⟨
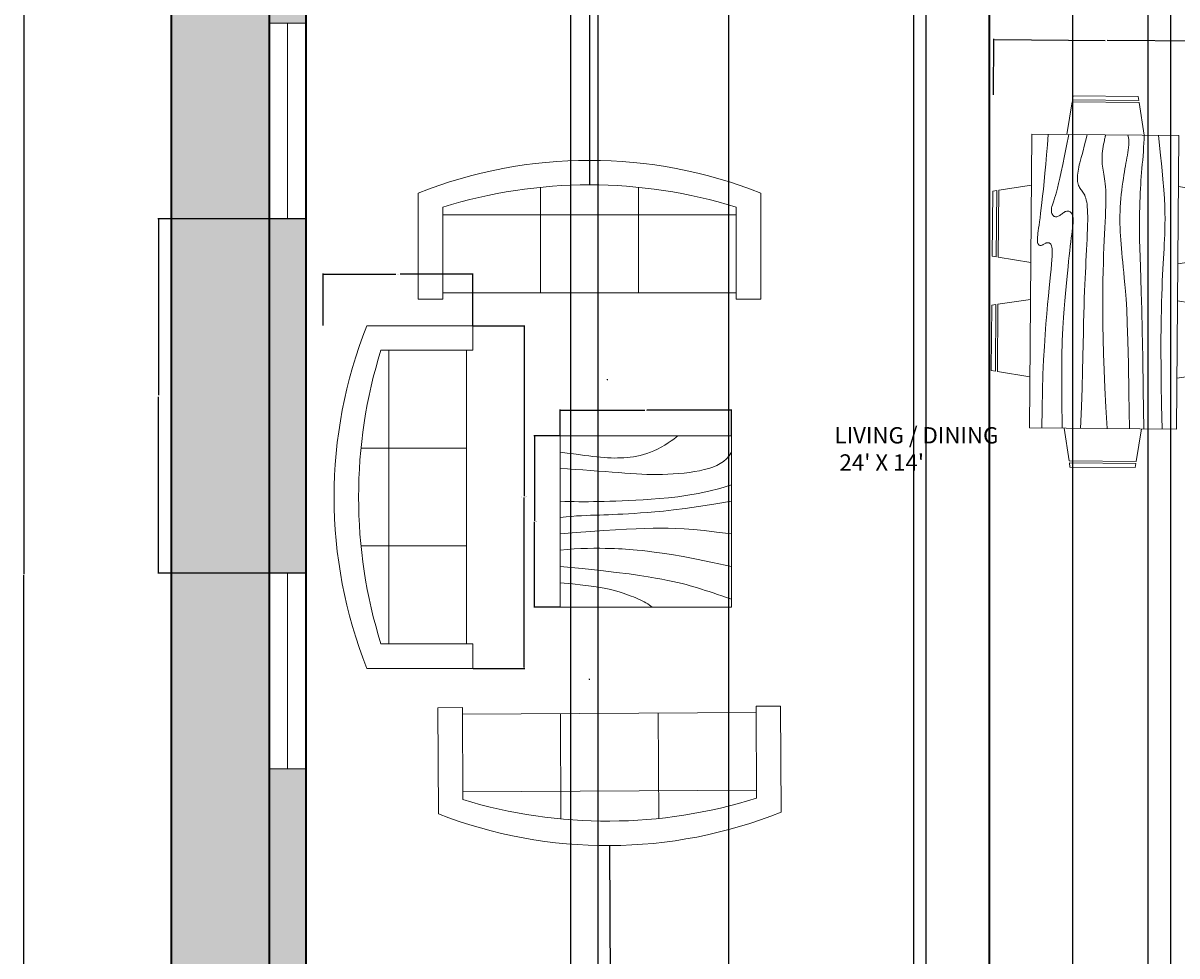
# Model space of a CAD drawing. Units: inches. Extents: x -7 to 546, y -27 to 766.
# Tile 5 of 9: x -7 to 276, y 276 to 505. Entities that reach past the tile are written whole.
import ezdxf

# ---------------------------------------------------------------- set-up
doc = ezdxf.new("R2010")
doc.units = ezdxf.units.IN
doc.header["$MEASUREMENT"] = 0
for name, color, linetype, lineweight in [('A-ANNO-DIMS', 2, 'Continuous', 18), ('A-AREA-IDEN', 7, 'Continuous', 18), ('A-WALL', 7, 'Continuous', 35), ('C-PROP', 7, 'Continuous', 35), ('furniture', 220, 'Continuous', 18), ('window', 30, 'Continuous', 20)]:
    doc.layers.add(name, color=color, linetype=linetype, lineweight=lineweight)
doc.layers.add('A-WALL-PATT', color=251, linetype='Continuous', lineweight=13, true_color=0x636466)
doc.layers.add('L-PLNT-PATT', color=85, linetype='Continuous', lineweight=13, true_color=0x58ba48)
doc.styles.get("Standard").update_dxf_attribs({"font": 'arial.ttf'})
doc.dimstyles.get("Standard").update_dxf_attribs({"dimtxt": 0.18, "dimasz": 0.18, "dimexe": 0.18, "dimexo": 0.0625, "dimgap": 0.09, "dimtad": 0, "dimtih": 1, "dimtoh": 1, "dimdec": 4, "dimzin": 0, "dimdsep": 46, "dimtxsty": 'Standard', "dimcen": 0.09, "dimadec": 0, "dimazin": 0, "dimtfac": 1, "dimtdec": 4, "dimtofl": 0, "dimtmove": 0, "dimatfit": 3, "dimfxl": 1, "dimtolj": 1, "dimtzin": 0, "dimarcsym": 0})

# ---------------------------------------------------------------- blocks, each defined once
blk = doc.blocks.new('Dining Set - 36 x 72 in.')
for p, q in [((-22.2343, 26.00059), (-23.4847, 17.99762)), ((-22.2304, 26), (-5.7608, 26)), ((-22, 27.5), (-22.1562, 26.50042)), ((-5.8416, 26.5), (-22.1534, 26.5)), ((-22, 27.5), (-6, 27.5)), ((-5.8437, 26.49966), (-6, 27.5)), ((-4.5152, 17.99762), (-5.7655, 25.99926)), ((5.7657, 26.00059), (4.5153, 17.99762)), ((5.7696, 26), (22.2392, 26)), ((6, 27.5), (5.8438, 26.50042)), ((22.1584, 26.5), (5.8466, 26.5)), ((6, 27.5), (22, 27.5)), ((22.1563, 26.49966), (22, 27.5)), ((23.4848, 17.99762), (22.2345, 25.99926)), ((36, 18), (-36, 18)), ((-36, 18), (-36, -18)), ((36, -18), (36, 18)), ((-44.0006, 8.23428), (-35.9976, 9.48474)), ((44.0006, 8.23428), (35.9976, 9.48474)), ((-45.5, 8), (-44.5004, 8.15617)), ((-45.5, 8), (-45.5, -8)), ((-44.5, -8.15843), (-44.5, 8.15338)), ((-44, 8.23041), (-44, -8.23915)), ((44, 8.23041), (44, -8.23915)), ((44.5, -8.15843), (44.5, 8.15338)), ((45.5, 8), (44.5005, 8.15617)), ((45.5, 8), (45.5, -8)), ((-44.4997, -8.15631), (-45.5, -8)), ((-35.9976, -9.48476), (-43.9993, -8.2345)), ((35.9976, -9.48476), (43.9993, -8.2345)), ((44.4997, -8.15631), (45.5, -8)), ((-36, -18), (36, -18)), ((-22.2343, -26.0006), (-23.4847, -17.99762)), ((-4.5152, -17.99762), (-5.7655, -25.99928)), ((5.7657, -26.0006), (4.5153, -17.99762)), ((23.4848, -17.99762), (22.2345, -25.99928)), ((-22.2304, -26), (-5.7608, -26)), ((-22, -27.5), (-22.1562, -26.50044)), ((-5.8416, -26.5), (-22.1534, -26.5)), ((-22, -27.5), (-6, -27.5)), ((-5.8437, -26.49967), (-6, -27.5)), ((5.7696, -26), (22.2392, -26)), ((6, -27.5), (5.8438, -26.50044)), ((22.1584, -26.5), (5.8466, -26.5)), ((6, -27.5), (22, -27.5)), ((22.1563, -26.49967), (22, -27.5))]:
    blk.add_line(p, q)
for points in [[(-36, 15), (-31.1772, 14.97754), (-26.8079, 14.91406), (-22.8538, 14.81543), (-19.276, 14.6875), (-16.0362, 14.53613), (-13.0957, 14.36718), (-10.4159, 14.18652), (-7.9583, 14), (-5.6904, 13.81315), (-3.6035, 13.63021), (-1.6954, 13.45508), (0.0365, 13.29166), (1.5945, 13.14388), (2.9811, 13.01562), (4.1988, 12.9108), (5.25, 12.83333), (6.1393, 12.78613), (6.8802, 12.76823), (7.4883, 12.77767), (7.9792, 12.8125), (8.3685, 12.87077), (8.6719, 12.95052), (8.9049, 13.0498), (9.0833, 13.16666), (9.2205, 13.29899), (9.3216, 13.44401), (9.3895, 13.59879), (9.4271, 13.76041), (9.4373, 13.92594), (9.4232, 14.09245), (9.3875, 14.257), (9.3333, 14.41666), (9.2638, 14.56917), (9.1836, 14.71484), (9.0975, 14.85465), (9.0104, 14.98958), (8.9272, 15.1206), (8.8529, 15.2487), (8.7922, 15.37483), (8.75, 15.5), (8.7305, 15.62467), (8.7344, 15.74739), (8.7617, 15.86621), (8.8125, 15.97916), (8.8867, 16.08431), (8.9844, 16.17968), (9.1055, 16.26334), (9.25, 16.33333), (9.4189, 16.38802), (9.6172, 16.42708), (9.8506, 16.45052), (10.125, 16.45833), (10.4463, 16.45052), (10.8203, 16.42708), (11.2529, 16.38802), (11.75, 16.33333), (12.3184, 16.26318), (12.9694, 16.17838), (13.7151, 16.07991), (14.5677, 15.96875), (15.5395, 15.84586), (16.6426, 15.71224), (17.8893, 15.56884), (19.2917, 15.41666), (20.859, 15.25667), (22.5879, 15.08984), (24.4721, 14.91715), (26.5052, 14.73958), (28.6809, 14.5581), (30.9929, 14.3737), (33.4347, 14.18733), (36, 14)], [(-36, 10), (-28.9766, 10.14274), (-23.1725, 10.20442), (-18.4241, 10.19775), (-14.5677, 10.13541), (-11.4399, 10.03011), (-8.877, 9.89453), (-6.7154, 9.74137), (-4.7917, 9.58333), (-2.9698, 9.43082), (-1.2246, 9.28515), (0.4415, 9.14534), (2.026, 9.01041), (3.5266, 8.87939), (4.9408, 8.7513), (6.266, 8.62516), (7.5, 8.5), (8.6411, 8.37549), (9.6914, 8.2539), (10.6538, 8.13818), (11.5312, 8.03125), (12.3267, 7.93603), (13.043, 7.85547), (13.6831, 7.79248), (14.25, 7.75), (14.7471, 7.7303), (15.1797, 7.73307), (15.5537, 7.75732), (15.875, 7.80208), (16.1494, 7.86637), (16.3828, 7.94922), (16.5811, 8.04964), (16.75, 8.16666), (16.8944, 8.29915), (17.0143, 8.44531), (17.1089, 8.60319), (17.1771, 8.77083), (17.218, 8.94629), (17.2305, 9.1276), (17.2137, 9.31282), (17.1667, 9.5), (17.0895, 9.6875), (16.987, 9.875), (16.8649, 10.0625), (16.7292, 10.25), (16.5856, 10.4375), (16.4401, 10.625), (16.2985, 10.8125), (16.1667, 11), (16.05, 11.18733), (15.9518, 11.3737), (15.8752, 11.5581), (15.8229, 11.73958), (15.798, 11.91715), (15.8034, 12.08984), (15.842, 12.25667), (15.9167, 12.41666), (16.0295, 12.56836), (16.1784, 12.70833), (16.3605, 12.83268), (16.5729, 12.9375), (16.8127, 13.01888), (17.0768, 13.07291), (17.3625, 13.0957), (17.6667, 13.08333), (17.9894, 13.03312), (18.3418, 12.94726), (18.7382, 12.82918), (19.1927, 12.68229), (19.7195, 12.51001), (20.3327, 12.31575), (21.0465, 12.10294), (21.875, 11.875), (22.8357, 11.63354), (23.959, 11.37304), (25.2786, 11.08618), (26.8282, 10.76562), (28.6414, 10.40405), (30.752, 9.99414), (33.1936, 9.52856), (36, 9)], [(-36, 5.5), (-30.7157, 5.3348), (-26.069, 5.20963), (-21.9946, 5.11767), (-18.4271, 5.05208), (-15.3009, 5.00602), (-12.5508, 4.97265), (-10.1112, 4.94515), (-7.9167, 4.91666), (-5.909, 4.88167), (-4.0586, 4.83984), (-2.3429, 4.79215), (-0.7396, 4.73958), (0.7739, 4.6831), (2.22, 4.6237), (3.6213, 4.56233), (5, 4.5), (6.373, 4.43782), (7.7344, 4.3776), (9.0723, 4.32129), (10.375, 4.27083), (11.6309, 4.22819), (12.8281, 4.19531), (13.9551, 4.17415), (15, 4.16666), (15.954, 4.17448), (16.819, 4.19791), (17.6001, 4.23698), (18.3021, 4.29166), (18.9299, 4.36198), (19.4883, 4.44791), (19.9823, 4.54948), (20.4167, 4.66666), (20.7969, 4.79899), (21.1302, 4.94401), (21.4245, 5.09879), (21.6875, 5.26041), (21.9271, 5.42594), (22.1511, 5.59245), (22.3672, 5.757), (22.5834, 5.91666), (22.8065, 6.06868), (23.0404, 6.21093), (23.2879, 6.34147), (23.5521, 6.45833), (23.8358, 6.55957), (24.142, 6.64323), (24.4735, 6.70735), (24.8334, 6.75), (25.2235, 6.76969), (25.642, 6.76692), (26.0858, 6.74267), (26.5521, 6.69791), (27.0379, 6.63362), (27.5404, 6.55078), (28.0565, 6.45036), (28.5834, 6.33333), (29.1242, 6.19987), (29.7071, 6.04687), (30.3661, 5.87044), (31.1354, 5.66666), (32.0493, 5.43164), (33.142, 5.16146), (34.4475, 4.85221), (36, 4.5)], [(-36, -1), (-30.7915, -0.6591), (-26.0195, -0.38216), (-21.6519, -0.16284), (-17.6563, 0.00521), (-14.0005, 0.12833), (-10.6523, 0.21289), (-7.5796, 0.26522), (-4.75, 0.29166), (-2.134, 0.29793), (0.2878, 0.28711), (2.5317, 0.26163), (4.6146, 0.22396), (6.5529, 0.17651), (8.3633, 0.12174), (10.0623, 0.06209), (11.6667, 0), (13.1899, -0.06201), (14.6341, -0.1211), (15.9982, -0.17432), (17.2813, -0.21875), (18.4823, -0.25147), (19.6003, -0.26953), (20.6343, -0.27002), (21.5834, -0.25), (22.4481, -0.20768), (23.2357, -0.14584), (23.9549, -0.06836), (24.6146, 0.02083), (25.2235, 0.11784), (25.7904, 0.21875), (26.3241, 0.31966), (26.8334, 0.41666), (27.3265, 0.50618), (27.8099, 0.58593), (28.2894, 0.65397), (28.7709, 0.70833), (29.2601, 0.74707), (29.763, 0.76823), (30.2855, 0.76985), (30.8334, 0.75), (31.4088, 0.70784), (31.9994, 0.64713), (32.589, 0.57275), (33.1615, 0.48958), (33.7008, 0.4025), (34.1908, 0.3164), (34.6153, 0.23616), (34.9584, 0.16666), (35.2099, 0.11165), (35.3848, 0.07031), (35.504, 0.04069), (35.5886, 0.02083), (35.6594, 0.00879), (35.7377, 0.0026), (35.8442, 0.00032), (36, 0)], [(-36, -6.5), (-27.1843, -6.31267), (-20.084, -6.1263), (-14.469, -5.9419), (-10.1094, -5.76042), (-6.7752, -5.58285), (-4.2363, -5.41016), (-2.2629, -5.24333), (-0.625, -5.08334), (0.8708, -4.93099), (2.2715, -4.78646), (3.5872, -4.64974), (4.8281, -4.52084), (6.0046, -4.39974), (7.127, -4.28646), (8.2053, -4.18099), (9.25, -4.08334), (10.2705, -3.99382), (11.2734, -3.91407), (12.2647, -3.84603), (13.25, -3.79167), (14.2354, -3.75293), (15.2266, -3.73177), (16.2295, -3.73015), (17.25, -3.75), (18.2912, -3.79248), (19.3451, -3.85547), (20.4009, -3.93604), (21.4479, -4.03125), (22.4754, -4.13819), (23.4727, -4.25391), (24.4289, -4.37549), (25.3334, -4.5), (26.1785, -4.62492), (26.9694, -4.74935), (27.7145, -4.87281), (28.4219, -4.99479), (29.1, -5.11483), (29.7572, -5.23242), (30.4016, -5.34709), (31.0417, -5.45834), (31.6837, -5.56437), (32.3262, -5.65821), (32.9658, -5.73153), (33.599, -5.77604), (34.2224, -5.78345), (34.8327, -5.74545), (35.4264, -5.65373), (36, -5.5)], [(-36, -10), (-26.4022, -9.81299), (-18.4675, -9.62891), (-11.9839, -9.45069), (-6.7396, -9.28125), (-2.5226, -9.12354), (0.8789, -8.98047), (3.6769, -8.85498), (6.0833, -8.75), (8.2767, -8.66765), (10.3021, -8.60677), (12.1712, -8.56543), (13.8958, -8.54167), (15.4876, -8.53353), (16.9583, -8.53907), (18.3197, -8.55632), (19.5834, -8.58334), (20.7616, -8.61841), (21.8685, -8.66081), (22.9188, -8.71004), (23.9271, -8.76563), (24.9081, -8.82707), (25.8763, -8.89388), (26.8465, -8.96558), (27.8334, -9.04167), (28.8474, -9.12118), (29.8828, -9.20117), (30.93, -9.27824), (31.9792, -9.34896), (33.0205, -9.40991), (34.0443, -9.45768), (35.0407, -9.48885), (36, -9.5)], [(-36, -14.5), (-30.0881, -14.33513), (-25.0332, -14.21224), (-20.7312, -14.12647), (-17.0781, -14.07292), (-13.97, -14.04671), (-11.3027, -14.04297), (-8.9724, -14.05681), (-6.875, -14.08334), (-4.9224, -14.11833), (-3.0905, -14.16016), (-1.3709, -14.20785), (0.2448, -14.26042), (1.7647, -14.3169), (3.1973, -14.3763), (4.5507, -14.43767), (5.8333, -14.5), (7.0554, -14.5621), (8.235, -14.62175), (9.3922, -14.67652), (10.5469, -14.72396), (11.7192, -14.76164), (12.929, -14.78711), (14.1965, -14.79794), (15.5417, -14.79167), (16.9933, -14.76424), (18.6152, -14.70508), (20.4804, -14.60197), (22.6615, -14.44271), (25.2312, -14.21509), (28.2624, -13.9069), (31.8277, -13.50594), (36, -13)]]:
    blk.add_lwpolyline(points)
blk = doc.blocks.new('Sofa - Roundback 7 ft.')
for p, q in [((-12.00002, -32.4421), (-12.00003, -6.5971)), ((11.99997, -32.4421), (11.99998, -6.5971)), ((-36.000027, -34), (-36.000027, -11.4696)), ((-35.999844, -13.3819), (35.9998, -13.3819)), ((35.99998, -34), (35.99998, -11.4696)), ((-36.000027, -32.4421), (35.99998, -32.4421))]:
    blk.add_line(p, q)
for points in [[(-36.000027, -34), (-42.000027, -34), (-42.000027, -8)], [(41.99998, -8), (41.99998, -34), (35.99998, -34)]]:
    blk.add_lwpolyline(points)
for centre, radius, start, end in [((0, -114.25), 114.25, 68.43141, 111.5686), ((-0.00001, -127.1968), 121.1968, 72.72033, 107.2797)]:
    blk.add_arc(centre, radius, start, end)
blk = doc.blocks.new('Table - Square Woodgrain 42 x 42 in.')
blk.add_line((0, -42), (42, -42))
for points in [[(0, -4), (1.704, -4.2172), (3.2358, -4.4188), (4.615, -4.604), (5.8615, -4.7721), (6.9951, -4.9224), (8.0357, -5.0541), (9.0031, -5.1667), (9.9171, -5.2594), (10.7951, -5.3316), (11.6445, -5.3836), (12.4702, -5.4157), (13.277, -5.4283), (14.0698, -5.4217), (14.8535, -5.3964), (15.6331, -5.3526), (16.4133, -5.2908), (17.1986, -5.2103), (17.9913, -5.1062), (18.793, -4.9727), (19.6056, -4.8038), (20.4307, -4.5937), (21.2701, -4.3365), (22.1256, -4.0262), (22.9989, -3.6571), (23.888, -3.2272), (24.7756, -2.7516), (25.6408, -2.2491), (26.4624, -1.7387), (27.2195, -1.2395), (27.891, -0.7703), (28.456, -0.3501), (28.8934, 0.002)], [(0, -42), (0, 0), (42, 0), (42, -42)], [(0, -8), (1.8203, -8.1001), (3.6741, -8.2149), (5.5411, -8.3408), (7.4011, -8.4741), (9.2339, -8.6112), (11.0193, -8.7484), (12.7371, -8.8821), (14.3671, -9.0086), (15.8954, -9.1246), (17.3337, -9.2278), (18.6997, -9.3159), (20.0116, -9.387), (21.2871, -9.4389), (22.5442, -9.4696), (23.8008, -9.477), (25.0749, -9.459), (26.3791, -9.4137), (27.7049, -9.3403), (29.0383, -9.2382), (30.3655, -9.1068), (31.6728, -8.9455), (32.9461, -8.7535), (34.1717, -8.5304), (35.3358, -8.2756), (36.4268, -7.9863), (37.443, -7.6521), (38.3849, -7.2603), (39.253, -6.7986), (40.048, -6.2542), (40.7705, -5.6147), (41.421, -4.8674), (42, -4)], [(42, -12), (39.1784, -12.8621), (36.4519, -13.5654), (33.8246, -14.1294), (31.3004, -14.5731), (28.8832, -14.9161), (26.577, -15.1775), (24.3858, -15.3768), (22.3136, -15.5332), (20.3622, -15.6632), (18.5254, -15.7718), (16.7947, -15.8612), (15.1618, -15.9338), (13.6183, -15.9916), (12.1558, -16.0369), (10.7659, -16.0718), (9.4403, -16.0987), (8.1703, -16.1191), (6.9461, -16.1325), (5.7577, -16.1377), (4.595, -16.1335), (3.4479, -16.1188), (2.3064, -16.0924), (1.1604, -16.0532), (0, -16)], [(42, -16), (37.6529, -16.7365), (33.8802, -17.329), (30.6179, -17.7961), (27.8015, -18.1561), (25.3668, -18.4275), (23.2497, -18.6288), (21.3859, -18.7785), (19.7111, -18.8949), (18.1693, -18.9939), (16.7375, -19.0795), (15.401, -19.1534), (14.1449, -19.217), (12.9544, -19.2717), (11.8148, -19.3191), (10.7113, -19.3606), (9.6291, -19.3976), (8.5534, -19.4323), (7.47, -19.4689), (6.3643, -19.5122), (5.222, -19.5672), (4.0288, -19.6386), (2.7703, -19.7313), (1.4321, -19.8501), (0, -20)], [(0, -24), (3.9243, -23.6805), (7.4766, -23.4138), (10.6891, -23.1954), (13.5943, -23.0205), (16.2247, -22.8847), (18.6125, -22.7832), (20.7903, -22.7116), (22.7903, -22.6651), (24.6563, -22.642), (26.4764, -22.6507), (28.35, -22.7024), (30.3766, -22.8084), (32.6555, -22.98), (35.2861, -23.2283), (38.3678, -23.5645), (42, -24)], [(42, -32), (37.392, -31.017), (33.4585, -30.2231), (30.1291, -29.5949), (27.3334, -29.109), (25.0009, -28.742), (23.0612, -28.4707), (21.4439, -28.2716), (20.0786, -28.1215), (18.8998, -28.0002), (17.8609, -27.9014), (16.9206, -27.8219), (16.0371, -27.7588), (15.1691, -27.709), (14.2748, -27.6693), (13.3128, -27.6368), (12.2415, -27.6083), (11.0295, -27.5824), (9.6867, -27.5643), (8.233, -27.5608), (6.6884, -27.5787), (5.0728, -27.6248), (3.4062, -27.7058), (1.7086, -27.8286), (0, -28)], [(0, -32), (5.4026, -32.5358), (9.9494, -33.019), (13.7424, -33.4553), (16.8834, -33.8505), (19.4743, -34.2106), (21.6171, -34.5413), (23.4136, -34.8486), (24.9657, -35.1382), (26.3614, -35.4156), (27.6332, -35.6841), (28.7995, -35.9467), (29.8788, -36.2064), (30.8897, -36.4661), (31.8507, -36.7288), (32.7802, -36.9973), (33.6968, -37.2747), (34.6175, -37.5635), (35.5531, -37.8651), (36.5128, -38.1805), (37.506, -38.5108), (38.5421, -38.8568), (39.6302, -39.2197), (40.7797, -39.6004), (42, -40)], [(0, -36), (3.0098, -36.2857), (5.5354, -36.5643), (7.6368, -36.8359), (9.374, -37.1009), (10.807, -37.3597), (11.9957, -37.6126), (13.0002, -37.8599), (13.8804, -38.102), (14.6874, -38.3393), (15.4365, -38.5729), (16.1338, -38.8041), (16.7858, -39.0341), (17.3987, -39.264), (17.9787, -39.4952), (18.5322, -39.7288), (19.0655, -39.9662), (19.5832, -40.2081), (20.0842, -40.4544), (20.5657, -40.7046), (21.0249, -40.9581), (21.459, -41.2144), (21.8653, -41.4731), (22.2409, -41.7335), (22.5831, -41.9951)]]:
    blk.add_lwpolyline(points)
blk = doc.blocks.new('WIN-48IN')
for p, q in [((0, 9), (0, 0)), ((48, 9), (0, 9)), ((0, 9), (0, 4.5)), ((48, 0), (48, 9)), ((0, 4.5), (48, 4.5)), ((0, 0), (48, 0))]:
    blk.add_line(p, q)
blk = doc.blocks.new('*D20')
at = {"layer": 'A-ANNO-DIMS', "color": 0, "lineweight": -2, "transparency": 16777216}
for p, q in [((103.24, 430.74), (115.95, 430.74)), ((115.77, 430.56), (115.77, 388.92)), ((115.77, 346.92), (115.77, 388.56)), ((103.24, 346.74), (115.95, 346.74))]:
    blk.add_line(p, q, dxfattribs=at)
at = {"layer": 'A-ANNO-DIMS', "color": 0, "transparency": 16777216}
for points in [[(115.74, 430.56), (115.8, 430.56), (115.77, 430.74)], [(115.74, 346.92), (115.8, 346.92), (115.77, 346.74)]]:
    blk.add_solid(points, dxfattribs=at)
at = {"layer": 'Defpoints', "color": 0, "transparency": 16777216}
for p in [(103.17, 430.74), (115.77, 430.74), (103.17, 346.74)]:
    blk.add_point(p, dxfattribs=at)
at = {"layer": 'A-ANNO-DIMS', "color": 0, "transparency": 16777216, "insert": (115.77, 388.74), "char_height": 0.18, "attachment_point": 5}
blk.add_mtext('\\A1;SOFA 84 TYP.', dxfattribs=at)
blk = doc.blocks.new('*D21')
at = {"layer": 'A-ANNO-DIMS', "color": 0, "lineweight": -2, "transparency": 16777216}
for p, q in [((66.51, 430.8), (66.51, 443.52)), ((66.69, 443.34), (84.31, 443.34)), ((102.99, 443.34), (85.37, 443.34)), ((103.17, 430.8), (103.17, 443.52))]:
    blk.add_line(p, q, dxfattribs=at)
at = {"layer": 'A-ANNO-DIMS', "color": 0, "transparency": 16777216}
for points in [[(66.69, 443.37), (66.69, 443.31), (66.51, 443.34)], [(102.99, 443.37), (102.99, 443.31), (103.17, 443.34)]]:
    blk.add_solid(points, dxfattribs=at)
at = {"layer": 'Defpoints', "color": 0, "transparency": 16777216}
for p in [(66.51, 443.34), (66.51, 430.74), (103.17, 430.74)]:
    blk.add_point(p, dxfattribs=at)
⟩
• [Task item]
Find every line in the entries that includes the word "Continuous", then state how many there are and nothing else.

• [Response]
3